+++ STUDY MATERIAL +++

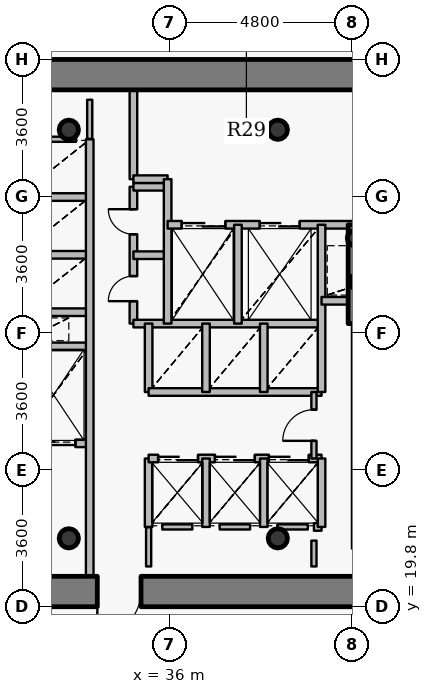
"""IFC4 building model, lengths in metres.
Left out: names, types, materials, properties, quantities, classifications, styles, units other than length and angle.
Written with IfcOpenShell. Run it as: python <this file> out.ifc"""

import sys

from ifc_helpers import new_model, si_unit, direction, frame, frame_2d, origin, origin_2d, place, context, subcontext, project, spatial, rectangle, hollow_circle, extrude, source, transform, mapped, element, fill, save


model = new_model("IFC4")
c1 = context("Model", 3, precision=1e-05, world=origin(), true_north=direction((0.0, 1.0)))
c2 = subcontext(c1, "Body", "Model", "MODEL_VIEW")
j1 = project(units=[si_unit("LENGTHUNIT", "METRE"), si_unit("PLANEANGLEUNIT", "RADIAN")], contexts=[c1])
p1 = place(None, origin())
s1 = spatial("IfcSite", under=j1, at=p1, CompositionType="ELEMENT")
p2 = place(p1, origin())
s2 = spatial("IfcBuilding", under=s1, at=p2, CompositionType="ELEMENT")
p3 = place(p2, frame((0.0, 0.0, 123.45)))
s3 = spatial("IfcBuildingStorey", under=s2, at=p3, CompositionType="ELEMENT", Elevation=123.45)
for number, where, z_axis, x_axis in (
    (1, (33.35, 21.6, 0.0), (0.0, 0.0, 1.0), (1.0, 0.0, 0.0)),
    (2, (38.85, 21.6, 0.0), (0.0, 0.0, 1.0), (1.0, 0.0, 0.0)),
    (3, (38.85, 32.35, 0.0), (0.0, 0.0, 1.0), (1.0, 0.0, 0.0)),
    (4, (33.35, 32.35, 0.0), (0.0, 0.0, 1.0), (1.0, 0.0, 0.0)),
):
    element("IfcColumn", number, at=place(p3, frame(where, z_axis=z_axis, x_axis=x_axis)), inside=s3, PredefinedType="COLUMN", context=c2, shape_type="SweptSolid", body=[
        extrude(hollow_circle(Radius=0.254, WallThickness=0.02, at=origin_2d()), origin(), (0.0, 0.0, 1.0), 3.75),
    ])
for number, where, z_axis, x_axis in (
    (5, (40.95, 28.35, 0.0), (0.0, 0.0, 1.0), (1.0, 0.0, 0.0)),
    (6, (40.88, 29.5, 0.0), (0.0, 0.0, 1.0), (1.0, 0.0, 0.0)),
):
    element("IfcColumn", number, at=place(p3, frame(where, z_axis=z_axis, x_axis=x_axis)), inside=s3, PredefinedType="COLUMN", context=c2, shape_type="SweptSolid", body=[
        extrude(hollow_circle(Radius=0.203, WallThickness=0.016, at=origin_2d()), origin(), (0.0, 0.0, 1.0), 3.75),
    ])
p4 = place(p3, frame((26.6, 33.8, 0.0), z_axis=(0.0, 0.0, 1.0), x_axis=(1.0, 0.0, 0.0)))
e7 = element("IfcWall", 7, at=p4, inside=s3, PredefinedType="SHEAR", context=c2, shape_type="SweptSolid", body=[
    extrude(rectangle(XDim=18.8, YDim=0.8, at=frame_2d((9.4, 0.0))), origin(), (0.0, 0.0, 1.0), 2.95),
])
p5 = place(p3, frame((45.4, 20.2, 0.0), z_axis=(0.0, 0.0, 1.0), x_axis=(-1.0, 0.0, 0.0)))
e8 = element("IfcWall", 8, at=p5, inside=s3, PredefinedType="SHEAR", context=c2, shape_type="SweptSolid", body=[
    extrude(rectangle(XDim=18.8, YDim=0.8, at=frame_2d((9.4, 0.0))), origin(), (0.0, 0.0, 1.0), 2.95),
])
p6 = place(p5, frame((10.15, 0.0, 0.0)))
e9 = element("IfcOpeningElement", 9, at=p6, cuts=e8, PredefinedType="OPENING", context=c2, shape_type="SweptSolid", body=[
    extrude(rectangle(XDim=1.15, YDim=2.15, at=origin_2d()), frame((0.575, 0.41, 1.075), z_axis=(0.0, -1.0, 0.0), x_axis=(1.0, 0.0, 0.0)), (0.0, 0.0, 1.0), 0.82),
])
p7 = place(p3, frame((40.9, 27.25, 0.0), z_axis=(0.0, 0.0, 1.0), x_axis=(0.0, 1.0, 0.0)))
e10 = element("IfcWall", 10, at=p7, inside=s3, PredefinedType="SHEAR", context=c2, shape_type="SweptSolid", body=[
    extrude(rectangle(XDim=2.6, YDim=0.4, at=frame_2d((1.3, 0.0))), origin(), (0.0, 0.0, 1.0), 3.1),
])
p8 = place(p3, frame((32.0, 24.1, 0.0), z_axis=(0.0, 0.0, 1.0), x_axis=(1.0, 0.0, 0.0)))
e11 = element("IfcWall", 11, at=p8, inside=s3, PredefinedType="PARTITIONING", context=c2, shape_type="SweptSolid", body=[
    extrude(rectangle(XDim=1.9, YDim=0.2, at=frame_2d((0.95, 0.0))), origin(), (0.0, 0.0, 1.0), 3.085),
])
p9 = place(p8, frame((0.375, 0.0, 0.0)))
e12 = element("IfcOpeningElement", 12, at=p9, cuts=e11, PredefinedType="OPENING", context=c2, shape_type="SweptSolid", body=[
    extrude(rectangle(XDim=1.15, YDim=2.15, at=origin_2d()), frame((0.575, 0.11, 1.075), z_axis=(0.0, -1.0, 0.0), x_axis=(1.0, 0.0, 0.0)), (0.0, 0.0, 1.0), 0.22),
])
for number, where, z_axis, x_axis in (
    (13, (32.0, 26.65, 0.0), (0.0, 0.0, 1.0), (1.0, 0.0, 0.0)),
    (14, (32.0, 27.55, 0.0), (0.0, 0.0, 1.0), (1.0, 0.0, 0.0)),
    (15, (32.0, 29.06, 0.0), (0.0, 0.0, 1.0), (1.0, 0.0, 0.0)),
    (16, (32.0, 30.58, 0.0), (0.0, 0.0, 1.0), (1.0, 0.0, 0.0)),
):
    element("IfcWall", number, at=place(p3, frame(where, z_axis=z_axis, x_axis=x_axis)), inside=s3, PredefinedType="PARTITIONING", context=c2, shape_type="SweptSolid", body=[
        extrude(rectangle(XDim=1.9, YDim=0.2, at=frame_2d((0.95, 0.0))), origin(), (0.0, 0.0, 1.0), 3.085),
    ])
p10 = place(p3, frame((33.9, 20.6, 0.0), z_axis=(0.0, 0.0, 1.0), x_axis=(0.0, 1.0, 0.0)))
e17 = element("IfcWall", 17, at=p10, inside=s3, PredefinedType="PARTITIONING", context=c2, shape_type="SweptSolid", body=[
    extrude(rectangle(XDim=11.5, YDim=0.2, at=frame_2d((5.75, 0.0))), origin(), (0.0, 0.0, 1.0), 3.085),
])
p11 = place(p3, frame((35.05, 27.25, 0.0), z_axis=(0.0, 0.0, 1.0), x_axis=(0.0, 1.0, 0.0)))
e18 = element("IfcWall", 18, at=p11, inside=s3, PredefinedType="PARTITIONING", context=c2, shape_type="SweptSolid", body=[
    extrude(rectangle(XDim=3.6, YDim=0.2, at=frame_2d((1.8, 0.0))), origin(), (0.0, 0.0, 1.0), 3.5),
])
p12 = place(p11, frame((0.59, 0.0, 0.0)))
e19 = element("IfcOpeningElement", 19, at=p12, cuts=e18, PredefinedType="OPENING", context=c2, shape_type="SweptSolid", body=[
    extrude(rectangle(XDim=0.66, YDim=2.05, at=origin_2d()), frame((0.33, 0.11, 1.025), z_axis=(0.0, -1.0, 0.0), x_axis=(1.0, 0.0, 0.0)), (0.0, 0.0, 1.0), 0.22),
])
p13 = place(p11, frame((2.35, 0.0, 0.0)))
e20 = element("IfcOpeningElement", 20, at=p13, cuts=e18, PredefinedType="OPENING", context=c2, shape_type="SweptSolid", body=[
    extrude(rectangle(XDim=0.66, YDim=2.05, at=origin_2d()), frame((0.33, 0.11, 1.025), z_axis=(0.0, -1.0, 0.0), x_axis=(1.0, 0.0, 0.0)), (0.0, 0.0, 1.0), 0.22),
])
p14 = place(p3, frame((35.05, 27.25, 0.0), z_axis=(0.0, 0.0, 1.0), x_axis=(1.0, 0.0, 0.0)))
e21 = element("IfcWall", 21, at=p14, inside=s3, PredefinedType="PARTITIONING", context=c2, shape_type="SweptSolid", body=[
    extrude(rectangle(XDim=4.95, YDim=0.2, at=frame_2d((2.475, 0.0))), origin(), (0.0, 0.0, 1.0), 3.085),
])
for number, where, z_axis, x_axis in (
    (22, (35.05, 29.05, 0.0), (0.0, 0.0, 1.0), (1.0, 0.0, 0.0)),
    (23, (35.05, 30.85, 0.0), (0.0, 0.0, 1.0), (1.0, 0.0, 0.0)),
):
    element("IfcWall", number, at=place(p3, frame(where, z_axis=z_axis, x_axis=x_axis)), inside=s3, PredefinedType="PARTITIONING", context=c2, shape_type="SweptSolid", body=[
        extrude(rectangle(XDim=0.9, YDim=0.2, at=frame_2d((0.45, 0.0))), origin(), (0.0, 0.0, 1.0), 3.5),
    ])
p15 = place(p3, frame((35.05, 31.05, 0.0), z_axis=(0.0, 0.0, 1.0), x_axis=(0.0, 1.0, 0.0)))
e24 = element("IfcWall", 24, at=p15, inside=s3, PredefinedType="PARTITIONING", context=c2, shape_type="SweptSolid", body=[
    extrude(rectangle(XDim=2.35, YDim=0.2, at=frame_2d((1.175, 0.0))), origin(), (0.0, 0.0, 1.0), 3.085),
])
p16 = place(p3, frame((35.05, 31.05, 0.0), z_axis=(0.0, 0.0, 1.0), x_axis=(1.0, 0.0, 0.0)))
e25 = element("IfcWall", 25, at=p16, inside=s3, PredefinedType="PARTITIONING", context=c2, shape_type="SweptSolid", body=[
    extrude(rectangle(XDim=0.9, YDim=0.2, at=frame_2d((0.45, 0.0))), origin(), (0.0, 0.0, 1.0), 3.5),
])
p17 = place(p3, frame((35.45, 21.9, 0.0), z_axis=(0.0, 0.0, 1.0), x_axis=(0.0, 1.0, 0.0)))
e26 = element("IfcWall", 26, at=p17, inside=s3, PredefinedType="PARTITIONING", context=c2, shape_type="SweptSolid", body=[
    extrude(rectangle(XDim=1.8, YDim=0.2, at=frame_2d((0.9, 0.0))), origin(), (0.0, 0.0, 1.0), 3.5),
])
p18 = place(p3, frame((35.45, 23.7, 0.0), z_axis=(0.0, 0.0, 1.0), x_axis=(1.0, 0.0, 0.0)))
e27 = element("IfcWall", 27, at=p18, inside=s3, PredefinedType="PARTITIONING", context=c2, shape_type="SweptSolid", body=[
    extrude(rectangle(XDim=4.55, YDim=0.2, at=frame_2d((2.275, 0.0))), origin(), (0.0, 0.0, 1.0), 3.085),
])
p19 = place(p18, frame((0.25, 0.0, 0.0)))
e28 = element("IfcOpeningElement", 28, at=p19, cuts=e27, PredefinedType="OPENING", context=c2, shape_type="SweptSolid", body=[
    extrude(rectangle(XDim=1.05, YDim=2.15, at=origin_2d()), frame((0.525, 0.11, 1.075), z_axis=(0.0, -1.0, 0.0), x_axis=(1.0, 0.0, 0.0)), (0.0, 0.0, 1.0), 0.22),
])
p20 = place(p18, frame((1.745, 0.0, 0.0)))
e29 = element("IfcOpeningElement", 29, at=p20, cuts=e27, PredefinedType="OPENING", context=c2, shape_type="SweptSolid", body=[
    extrude(rectangle(XDim=1.05, YDim=2.15, at=origin_2d()), frame((0.525, 0.11, 1.075), z_axis=(0.0, -1.0, 0.0), x_axis=(1.0, 0.0, 0.0)), (0.0, 0.0, 1.0), 0.22),
])
p21 = place(p18, frame((3.165, 0.0, 0.0)))
e30 = element("IfcOpeningElement", 30, at=p21, cuts=e27, PredefinedType="OPENING", context=c2, shape_type="SweptSolid", body=[
    extrude(rectangle(XDim=1.05, YDim=2.15, at=origin_2d()), frame((0.525, 0.11, 1.075), z_axis=(0.0, -1.0, 0.0), x_axis=(1.0, 0.0, 0.0)), (0.0, 0.0, 1.0), 0.22),
])
p22 = place(p3, frame((35.45, 25.45, 0.0), z_axis=(0.0, 0.0, 1.0), x_axis=(0.0, 1.0, 0.0)))
e31 = element("IfcWall", 31, at=p22, inside=s3, PredefinedType="PARTITIONING", context=c2, shape_type="SweptSolid", body=[
    extrude(rectangle(XDim=1.8, YDim=0.2, at=frame_2d((0.9, 0.0))), origin(), (0.0, 0.0, 1.0), 3.5),
])
p23 = place(p3, frame((35.45, 25.45, 0.0), z_axis=(0.0, 0.0, 1.0), x_axis=(1.0, 0.0, 0.0)))
e32 = element("IfcWall", 32, at=p23, inside=s3, PredefinedType="PARTITIONING", context=c2, shape_type="SweptSolid", body=[
    extrude(rectangle(XDim=4.55, YDim=0.2, at=frame_2d((2.275, 0.0))), origin(), (0.0, 0.0, 1.0), 3.085),
])
p24 = place(p3, frame((35.95, 27.25, 0.0), z_axis=(0.0, 0.0, 1.0), x_axis=(0.0, 1.0, 0.0)))
e33 = element("IfcWall", 33, at=p24, inside=s3, PredefinedType="PARTITIONING", context=c2, shape_type="SweptSolid", body=[
    extrude(rectangle(XDim=3.8, YDim=0.2, at=frame_2d((1.9, 0.0))), origin(), (0.0, 0.0, 1.0), 3.5),
])
p25 = place(p3, frame((35.95, 29.85, 0.0), z_axis=(0.0, 0.0, 1.0), x_axis=(1.0, 0.0, 0.0)))
e34 = element("IfcWall", 34, at=p25, inside=s3, PredefinedType="PARTITIONING", context=c2, shape_type="SweptSolid", body=[
    extrude(rectangle(XDim=8.49, YDim=0.2, at=frame_2d((4.245, 0.0))), origin(), (0.0, 0.0, 1.0), 3.085),
])
p26 = place(p25, frame((6.1, 0.0, 0.0)))
e35 = element("IfcOpeningElement", 35, at=p26, cuts=e34, PredefinedType="OPENING", context=c2, shape_type="SweptSolid", body=[
    extrude(rectangle(XDim=1.2, YDim=2.15, at=origin_2d()), frame((0.6, 0.11, 1.075), z_axis=(0.0, -1.0, 0.0), x_axis=(1.0, 0.0, 0.0)), (0.0, 0.0, 1.0), 0.22),
])
p27 = place(p25, frame((0.37, 0.0, 0.0)))
e36 = element("IfcOpeningElement", 36, at=p27, cuts=e34, PredefinedType="OPENING", context=c2, shape_type="SweptSolid", body=[
    extrude(rectangle(XDim=1.15, YDim=2.15, at=origin_2d()), frame((0.575, 0.11, 1.075), z_axis=(0.0, -1.0, 0.0), x_axis=(1.0, 0.0, 0.0)), (0.0, 0.0, 1.0), 0.22),
])
p28 = place(p25, frame((2.425, 0.0, 0.0)))
e37 = element("IfcOpeningElement", 37, at=p28, cuts=e34, PredefinedType="OPENING", context=c2, shape_type="SweptSolid", body=[
    extrude(rectangle(XDim=1.05, YDim=2.15, at=origin_2d()), frame((0.525, 0.11, 1.075), z_axis=(0.0, -1.0, 0.0), x_axis=(1.0, 0.0, 0.0)), (0.0, 0.0, 1.0), 0.22),
])
for number, where, z_axis, x_axis in (
    (38, (36.96, 21.9, 0.0), (0.0, 0.0, 1.0), (0.0, 1.0, 0.0)),
    (39, (36.96, 25.45, 0.0), (0.0, 0.0, 1.0), (0.0, 1.0, 0.0)),
):
    element("IfcWall", number, at=place(p3, frame(where, z_axis=z_axis, x_axis=x_axis)), inside=s3, PredefinedType="PARTITIONING", context=c2, shape_type="SweptSolid", body=[
        extrude(rectangle(XDim=1.8, YDim=0.2, at=frame_2d((0.9, 0.0))), origin(), (0.0, 0.0, 1.0), 3.5),
    ])
p29 = place(p3, frame((37.8, 27.25, 0.0), z_axis=(0.0, 0.0, 1.0), x_axis=(0.0, 1.0, 0.0)))
e40 = element("IfcWall", 40, at=p29, inside=s3, PredefinedType="PARTITIONING", context=c2, shape_type="SweptSolid", body=[
    extrude(rectangle(XDim=2.6, YDim=0.2, at=frame_2d((1.3, 0.0))), origin(), (0.0, 0.0, 1.0), 3.5),
])
for number, where, z_axis, x_axis in (
    (41, (38.48, 21.9, 0.0), (0.0, 0.0, 1.0), (0.0, 1.0, 0.0)),
    (42, (38.48, 25.45, 0.0), (0.0, 0.0, 1.0), (0.0, 1.0, 0.0)),
):
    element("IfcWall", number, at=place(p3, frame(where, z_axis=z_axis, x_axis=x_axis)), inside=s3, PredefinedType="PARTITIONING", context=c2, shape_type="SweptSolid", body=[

+++

INSTRUCTIONS FOR THE TASK:
Go through the data above and copy each line that holds the word "CompositionType".

SOLUTION TO THIS TASK:
s1 = spatial("IfcSite", under=j1, at=p1, CompositionType="ELEMENT")
s2 = spatial("IfcBuilding", under=s1, at=p2, CompositionType="ELEMENT")
s3 = spatial("IfcBuildingStorey", under=s2, at=p3, CompositionType="ELEMENT", Elevation=123.45)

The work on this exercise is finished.